> **Try it**
Output the lines of the records exactly, from the first through the one containing "Rectangle(SKETCH1_W, SKETCH1_H)". Omit all pictures.

=== Section Start ===

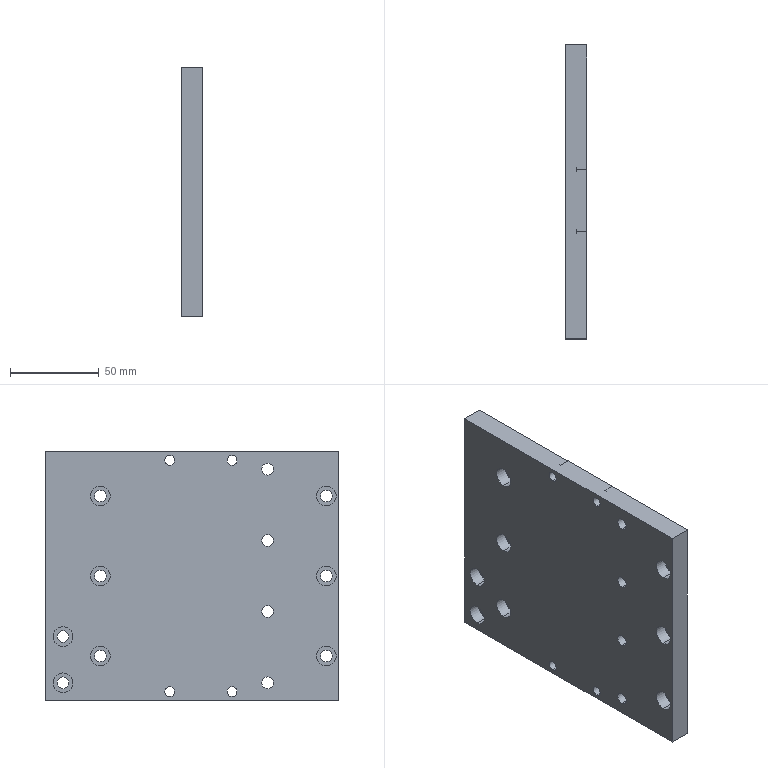Component | SolidWorks | SL021-102-4066.SL4PRT-1 | 1 solid | 86 faces | box 12 x 165 x 140 mm | volume 265096 mm3 | cylinder 64 | plane 22 | commonest cylinder face diameters 11 x24 6.6 x24 9.5 x8 5.5 x8 | material AL6061
build123d program:
from build123d import *

# Parameters (mm, degrees)
SKETCH1_W                                          = 140
SKETCH1_H                                          = 165
BOSS_EXTRUDE1_DEPTH                                = 6
HOLE_SIZE_ACCORDING_TO_TYPE_1_OF_HEXAG_D           = 6.6
HOLE_SIZE_ACCORDING_TO_TYPE_1_OF_HEXAG_CBORE_D     = 11
HOLE_SIZE_ACCORDING_TO_TYPE_1_OF_HEXAG_CBORE_DEPTH = 6.8
HOLE_SIZE_ACCORDING_TO_TYPE_2_OF_HEXAG_D           = 5.5
HOLE_SIZE_ACCORDING_TO_TYPE_2_OF_HEXAG_CBORE_D     = 9.5
HOLE_SIZE_ACCORDING_TO_TYPE_2_OF_HEXAG_CBORE_DEPTH = 5.7
HOLE_SIZE_ACCORDING_TO_TYPE_3_OF_HEXAG_D           = 6.6
HOLE_SIZE_ACCORDING_TO_TYPE_3_OF_HEXAG_CBORE_D     = 11
HOLE_SIZE_ACCORDING_TO_TYPE_3_OF_HEXAG_CBORE_DEPTH = 6.8
HOLE_SIZE_ACCORDING_TO_TYPE_4_OF_HEXAG_D           = 6.6
HOLE_SIZE_ACCORDING_TO_TYPE_4_OF_HEXAG_CBORE_D     = 11
HOLE_SIZE_ACCORDING_TO_TYPE_4_OF_HEXAG_CBORE_DEPTH = 6.8


with BuildPart() as part:
    # Sketch1 → Boss-Extrude1 (new, symmetric)
    with BuildSketch(Plane.XY):
        Rectangle(SKETCH1_W, SKETCH1_H)
    extrude(amount=BOSS_EXTRUDE1_DEPTH, both=True)

    # Hole Size _According to_ Type 1 of Hexag (through all)
    with Locations(Plane(origin=(0, 0, -6), x_dir=(-1, 0, 0), z_dir=(0, 0, -1))):
        with Locations((-45, 51.5), (0, 51.5), (45, 51.5), (-45, -75.5), (0, -75.5), (45, -75.5)):
            CounterBoreHole(HOLE_SIZE_ACCORDING_TO_TYPE_1_OF_HEXAG_D / 2, HOLE_SIZE_ACCORDING_TO_TYPE_1_OF_HEXAG_CBORE_D / 2, HOLE_SIZE_ACCORDING_TO_TYPE_1_OF_HEXAG_CBORE_DEPTH)

    # Hole Size _According to_ Type 2 of Hexag (through all)
    with Locations(Plane.XY.offset(6)):
        with Locations((-65, 12.5), (-65, -22.5), (65, 12.5), (65, -22.5)):
            CounterBoreHole(HOLE_SIZE_ACCORDING_TO_TYPE_2_OF_HEXAG_D / 2, HOLE_SIZE_ACCORDING_TO_TYPE_2_OF_HEXAG_CBORE_D / 2, HOLE_SIZE_ACCORDING_TO_TYPE_2_OF_HEXAG_CBORE_DEPTH)

    # Hole Size _According to_ Type 3 of Hexag (through all)
    with Locations(Plane(origin=(0, 0, -6), x_dir=(-1, 0, 0), z_dir=(0, 0, -1))):
        with Locations((-60, 72.5), (-34, 72.5)):
            CounterBoreHole(HOLE_SIZE_ACCORDING_TO_TYPE_3_OF_HEXAG_D / 2, HOLE_SIZE_ACCORDING_TO_TYPE_3_OF_HEXAG_CBORE_D / 2, HOLE_SIZE_ACCORDING_TO_TYPE_3_OF_HEXAG_CBORE_DEPTH)

    # Hole Size _According to_ Type 4 of Hexag (through all)
    with Locations(Plane.XY.offset(6)):
        with Locations((-60, -42.5), (-20, -42.5), (20, -42.5), (60, -42.5)):
            CounterBoreHole(HOLE_SIZE_ACCORDING_TO_TYPE_4_OF_HEXAG_D / 2, HOLE_SIZE_ACCORDING_TO_TYPE_4_OF_HEXAG_CBORE_D / 2, HOLE_SIZE_ACCORDING_TO_TYPE_4_OF_HEXAG_CBORE_DEPTH)


solid = part.part

# Placed as in the assembly
solid = solid.moved(Location((19.837, 27.001, -151.378), (0, 90, 0)))

=== Section End ===

> **Result**
Component | SolidWorks | SL021-102-4066.SL4PRT-1 | 1 solid | 86 faces | box 12 x 165 x 140 mm | volume 265096 mm3 | cylinder 64 | plane 22 | commonest cylinder face diameters 11 x24 6.6 x24 9.5 x8 5.5 x8 | material AL6061
build123d program:
from build123d import *

# Parameters (mm, degrees)
SKETCH1_W                                          = 140
SKETCH1_H                                          = 165
BOSS_EXTRUDE1_DEPTH                                = 6
HOLE_SIZE_ACCORDING_TO_TYPE_1_OF_HEXAG_D           = 6.6
HOLE_SIZE_ACCORDING_TO_TYPE_1_OF_HEXAG_CBORE_D     = 11
HOLE_SIZE_ACCORDING_TO_TYPE_1_OF_HEXAG_CBORE_DEPTH = 6.8
HOLE_SIZE_ACCORDING_TO_TYPE_2_OF_HEXAG_D           = 5.5
HOLE_SIZE_ACCORDING_TO_TYPE_2_OF_HEXAG_CBORE_D     = 9.5
HOLE_SIZE_ACCORDING_TO_TYPE_2_OF_HEXAG_CBORE_DEPTH = 5.7
HOLE_SIZE_ACCORDING_TO_TYPE_3_OF_HEXAG_D           = 6.6
HOLE_SIZE_ACCORDING_TO_TYPE_3_OF_HEXAG_CBORE_D     = 11
HOLE_SIZE_ACCORDING_TO_TYPE_3_OF_HEXAG_CBORE_DEPTH = 6.8
HOLE_SIZE_ACCORDING_TO_TYPE_4_OF_HEXAG_D           = 6.6
HOLE_SIZE_ACCORDING_TO_TYPE_4_OF_HEXAG_CBORE_D     = 11
HOLE_SIZE_ACCORDING_TO_TYPE_4_OF_HEXAG_CBORE_DEPTH = 6.8


with BuildPart() as part:
    # Sketch1 → Boss-Extrude1 (new, symmetric)
    with BuildSketch(Plane.XY):
        Rectangle(SKETCH1_W, SKETCH1_H)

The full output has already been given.